#### [The problem]
Please copy every line of the records below that holds the word "PARTITIONING".

#### [Task material]
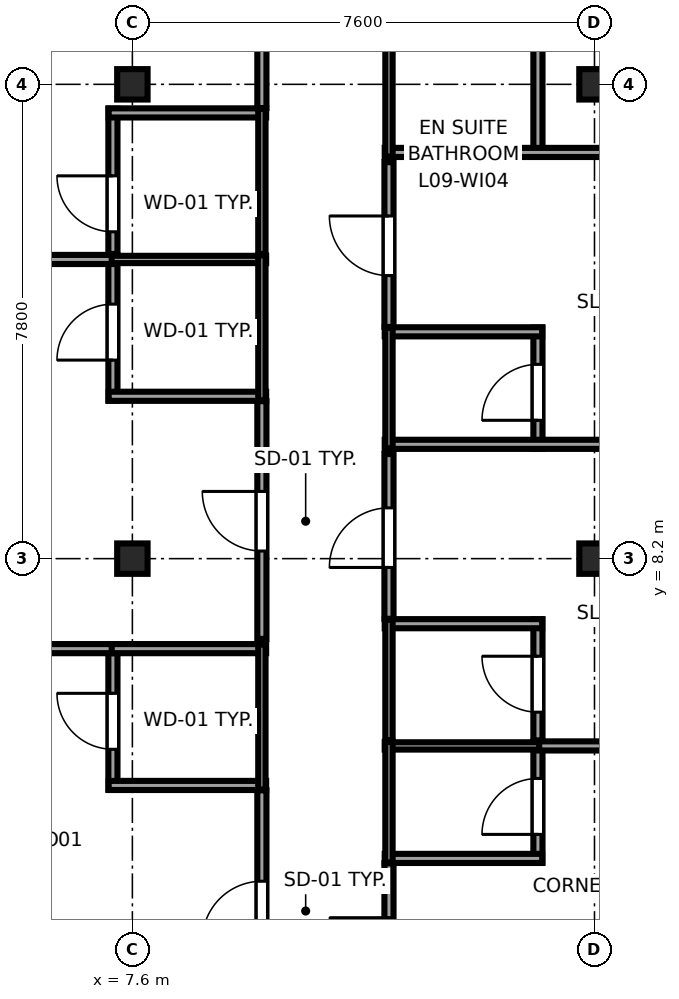
"""IFC4 building model, lengths in metres.
Left out: names, types, materials, properties, quantities, classifications, styles, units other than length and angle.
Written with IfcOpenShell. Run it as: python <this file> out.ifc"""

import sys

from ifc_helpers import new_model, si_unit, direction, frame, frame_2d, origin, origin_2d, place, context, subcontext, project, spatial, rectangle, i_section, extrude, source, transform, mapped, element, fill, save


model = new_model("IFC4")
c1 = context("Model", 3, precision=1e-05, world=origin(), true_north=direction((0.0, 1.0)))
c2 = subcontext(c1, "Body", "Model", "MODEL_VIEW")
j1 = project(units=[si_unit("LENGTHUNIT", "METRE"), si_unit("PLANEANGLEUNIT", "RADIAN")], contexts=[c1])
p1 = place(None, origin())
s1 = spatial("IfcSite", under=j1, at=p1, CompositionType="ELEMENT")
p2 = place(p1, origin())
s2 = spatial("IfcBuilding", under=s1, at=p2, CompositionType="ELEMENT")
p3 = place(p2, frame((0.0, 0.0, 42.65)))
s3 = spatial("IfcBuildingStorey", under=s2, at=p3, CompositionType="ELEMENT", Elevation=42.65)
m1 = source(origin(), c2, "Body", "SweptSolid", [
    extrude(i_section(OverallWidth=0.5, OverallDepth=0.5, WebThickness=0.028, FlangeThickness=0.045, at=origin_2d()), origin(), (0.0, 0.0, 1.0), 3.55),
])
for number, where, z_axis, x_axis in (
    (1, (7.6, 8.2, 0.0), (0.0, 0.0, 1.0), (1.0, 0.0, 0.0)),
    (2, (7.6, 16.0, 0.0), (0.0, 0.0, 1.0), (1.0, 0.0, 0.0)),
    (3, (15.2, 8.2, 0.0), (0.0, 0.0, 1.0), (1.0, 0.0, 0.0)),
    (4, (15.2, 16.0, 0.0), (0.0, 0.0, 1.0), (1.0, 0.0, 0.0)),
):
    element("IfcColumn", number, at=place(p3, frame(where, z_axis=z_axis, x_axis=x_axis)), inside=s3, PredefinedType="COLUMN", context=c2, shape_type="MappedRepresentation", body=[
        mapped(m1, transform((0.0, 0.0, 0.0), x_axis=(1.0, 0.0, 0.0), y_axis=(0.0, 1.0, 0.0), z_axis=(0.0, 0.0, 1.0), scale=1.0)),
    ])
p4 = place(p3, frame((7.28, 4.4, 0.0), z_axis=(0.0, 0.0, 1.0), x_axis=(0.0, 1.0, 0.0)))
e5 = element("IfcWall", 5, at=p4, inside=s3, PredefinedType="PARTITIONING", context=c2, shape_type="SweptSolid", body=[
    extrude(rectangle(XDim=2.39, YDim=0.15, at=frame_2d((1.195, 0.0))), origin(), (0.0, 0.0, 1.0), 3.37),
])
p5 = place(p4, frame((0.665, 0.0, 0.0)))
e6 = element("IfcOpeningElement", 6, at=p5, cuts=e5, PredefinedType="OPENING", context=c2, shape_type="SweptSolid", body=[
    extrude(rectangle(XDim=0.92, YDim=2.01, at=frame_2d((0.46, 1.005))), frame((0.0, 0.085, 0.0), z_axis=(0.0, -1.0, 0.0), x_axis=(1.0, 0.0, 0.0)), (0.0, 0.0, 1.0), 0.17),
])
for number, where, z_axis, x_axis in (
    (7, (7.21, 4.47, 0.0), (0.0, 0.0, 1.0), (1.0, 0.0, 0.0)),
    (8, (7.21, 6.72, 0.0), (0.0, 0.0, 1.0), (1.0, 0.0, 0.0)),
):
    element("IfcWall", number, at=place(p3, frame(where, z_axis=z_axis, x_axis=x_axis)), inside=s3, PredefinedType="PARTITIONING", context=c2, shape_type="SweptSolid", body=[
        extrude(rectangle(XDim=2.59, YDim=0.15, at=frame_2d((1.295, 0.0))), origin(), (0.0, 0.0, 1.0), 3.37),
    ])
p6 = place(p3, frame((9.73, 4.4, 0.0), z_axis=(0.0, 0.0, 1.0), x_axis=(0.0, 1.0, 0.0)))
e9 = element("IfcWall", 9, at=p6, inside=s3, PredefinedType="PLUMBINGWALL", context=c2, shape_type="SweptSolid", body=[
    extrude(rectangle(XDim=2.39, YDim=0.12, at=frame_2d((1.195, 0.0))), origin(), (0.0, 0.0, 1.0), 3.37),
])
p7 = place(p3, frame((7.28, 10.8, 0.0), z_axis=(0.0, 0.0, 1.0), x_axis=(0.0, 1.0, 0.0)))
e10 = element("IfcWall", 10, at=p7, inside=s3, PredefinedType="PARTITIONING", context=c2, shape_type="SweptSolid", body=[
    extrude(rectangle(XDim=2.39, YDim=0.15, at=frame_2d((1.195, 0.0))), origin(), (0.0, 0.0, 1.0), 3.37),
])
p8 = place(p7, frame((0.665, 0.0, 0.0)))
e11 = element("IfcOpeningElement", 11, at=p8, cuts=e10, PredefinedType="OPENING", context=c2, shape_type="SweptSolid", body=[
    extrude(rectangle(XDim=0.92, YDim=2.01, at=frame_2d((0.46, 1.005))), frame((0.0, 0.085, 0.0), z_axis=(0.0, -1.0, 0.0), x_axis=(1.0, 0.0, 0.0)), (0.0, 0.0, 1.0), 0.17),
])
p9 = place(p3, frame((7.21, 10.87, 0.0), z_axis=(0.0, 0.0, 1.0), x_axis=(1.0, 0.0, 0.0)))
e12 = element("IfcWall", 12, at=p9, inside=s3, PredefinedType="PARTITIONING", context=c2, shape_type="SweptSolid", body=[
    extrude(rectangle(XDim=2.59, YDim=0.15, at=frame_2d((1.295, 0.0))), origin(), (0.0, 0.0, 1.0), 3.37),
])
p10 = place(p3, frame((7.21, 13.12, 0.0), z_axis=(0.0, 0.0, 1.0), x_axis=(1.0, 0.0, 0.0)))
e13 = element("IfcWall", 13, at=p10, inside=s3, PredefinedType="PLUMBINGWALL", context=c2, shape_type="SweptSolid", body=[
    extrude(rectangle(XDim=2.59, YDim=0.12, at=frame_2d((1.295, 0.0))), origin(), (0.0, 0.0, 1.0), 3.37),
])
p11 = place(p3, frame((9.73, 10.8, 0.0), z_axis=(0.0, 0.0, 1.0), x_axis=(0.0, 1.0, 0.0)))
e14 = element("IfcWall", 14, at=p11, inside=s3, PredefinedType="PLUMBINGWALL", context=c2, shape_type="SweptSolid", body=[
    extrude(rectangle(XDim=2.39, YDim=0.12, at=frame_2d((1.195, 0.0))), origin(), (0.0, 0.0, 1.0), 3.37),
])
p12 = place(p3, frame((7.28, 13.21, 0.0), z_axis=(0.0, 0.0, 1.0), x_axis=(0.0, 1.0, 0.0)))
e15 = element("IfcWall", 15, at=p12, inside=s3, PredefinedType="PARTITIONING", context=c2, shape_type="SweptSolid", body=[
    extrude(rectangle(XDim=2.39, YDim=0.15, at=frame_2d((1.195, 0.0))), origin(), (0.0, 0.0, 1.0), 3.37),
])
p13 = place(p12, frame((0.365, 0.0, 0.0)))
e16 = element("IfcOpeningElement", 16, at=p13, cuts=e15, PredefinedType="OPENING", context=c2, shape_type="SweptSolid", body=[
    extrude(rectangle(XDim=0.92, YDim=2.01, at=frame_2d((0.46, 1.005))), frame((0.0, 0.085, 0.0), z_axis=(0.0, -1.0, 0.0), x_axis=(1.0, 0.0, 0.0)), (0.0, 0.0, 1.0), 0.17),
])
p14 = place(p3, frame((7.21, 15.53, 0.0), z_axis=(0.0, 0.0, 1.0), x_axis=(1.0, 0.0, 0.0)))
e17 = element("IfcWall", 17, at=p14, inside=s3, PredefinedType="PARTITIONING", context=c2, shape_type="SweptSolid", body=[
    extrude(rectangle(XDim=2.59, YDim=0.15, at=frame_2d((1.295, 0.0))), origin(), (0.0, 0.0, 1.0), 3.37),
])
p15 = place(p3, frame((9.73, 13.21, 0.0), z_axis=(0.0, 0.0, 1.0), x_axis=(0.0, 1.0, 0.0)))
e18 = element("IfcWall", 18, at=p15, inside=s3, PredefinedType="PLUMBINGWALL", context=c2, shape_type="SweptSolid", body=[
    extrude(rectangle(XDim=2.39, YDim=0.12, at=frame_2d((1.195, 0.0))), origin(), (0.0, 0.0, 1.0), 3.37),
])
p16 = place(p3, frame((14.27, 3.2, 0.0), z_axis=(0.0, 0.0, 1.0), x_axis=(0.0, 1.0, 0.0)))
e19 = element("IfcWall", 19, at=p16, inside=s3, PredefinedType="PARTITIONING", context=c2, shape_type="SweptSolid", body=[
    extrude(rectangle(XDim=1.99, YDim=0.15, at=frame_2d((0.995, 0.0))), origin(), (0.0, 0.0, 1.0), 3.37),
])
p17 = place(p16, frame((0.465, 0.0, 0.0)))
e20 = element("IfcOpeningElement", 20, at=p17, cuts=e19, PredefinedType="OPENING", context=c2, shape_type="SweptSolid", body=[
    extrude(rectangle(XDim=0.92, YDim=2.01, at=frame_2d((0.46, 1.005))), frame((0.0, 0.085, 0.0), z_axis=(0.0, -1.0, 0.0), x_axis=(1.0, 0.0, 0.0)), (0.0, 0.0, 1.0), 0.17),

#### [Response to this task]
e5 = element("IfcWall", 5, at=p4, inside=s3, PredefinedType="PARTITIONING", context=c2, shape_type="SweptSolid", body=[
    element("IfcWall", number, at=place(p3, frame(where, z_axis=z_axis, x_axis=x_axis)), inside=s3, PredefinedType="PARTITIONING", context=c2, shape_type="SweptSolid", body=[
e10 = element("IfcWall", 10, at=p7, inside=s3, PredefinedType="PARTITIONING", context=c2, shape_type="SweptSolid", body=[
e12 = element("IfcWall", 12, at=p9, inside=s3, PredefinedType="PARTITIONING", context=c2, shape_type="SweptSolid", body=[
e15 = element("IfcWall", 15, at=p12, inside=s3, PredefinedType="PARTITIONING", context=c2, shape_type="SweptSolid", body=[
e17 = element("IfcWall", 17, at=p14, inside=s3, PredefinedType="PARTITIONING", context=c2, shape_type="SweptSolid", body=[
e19 = element("IfcWall", 19, at=p16, inside=s3, PredefinedType="PARTITIONING", context=c2, shape_type="SweptSolid", body=[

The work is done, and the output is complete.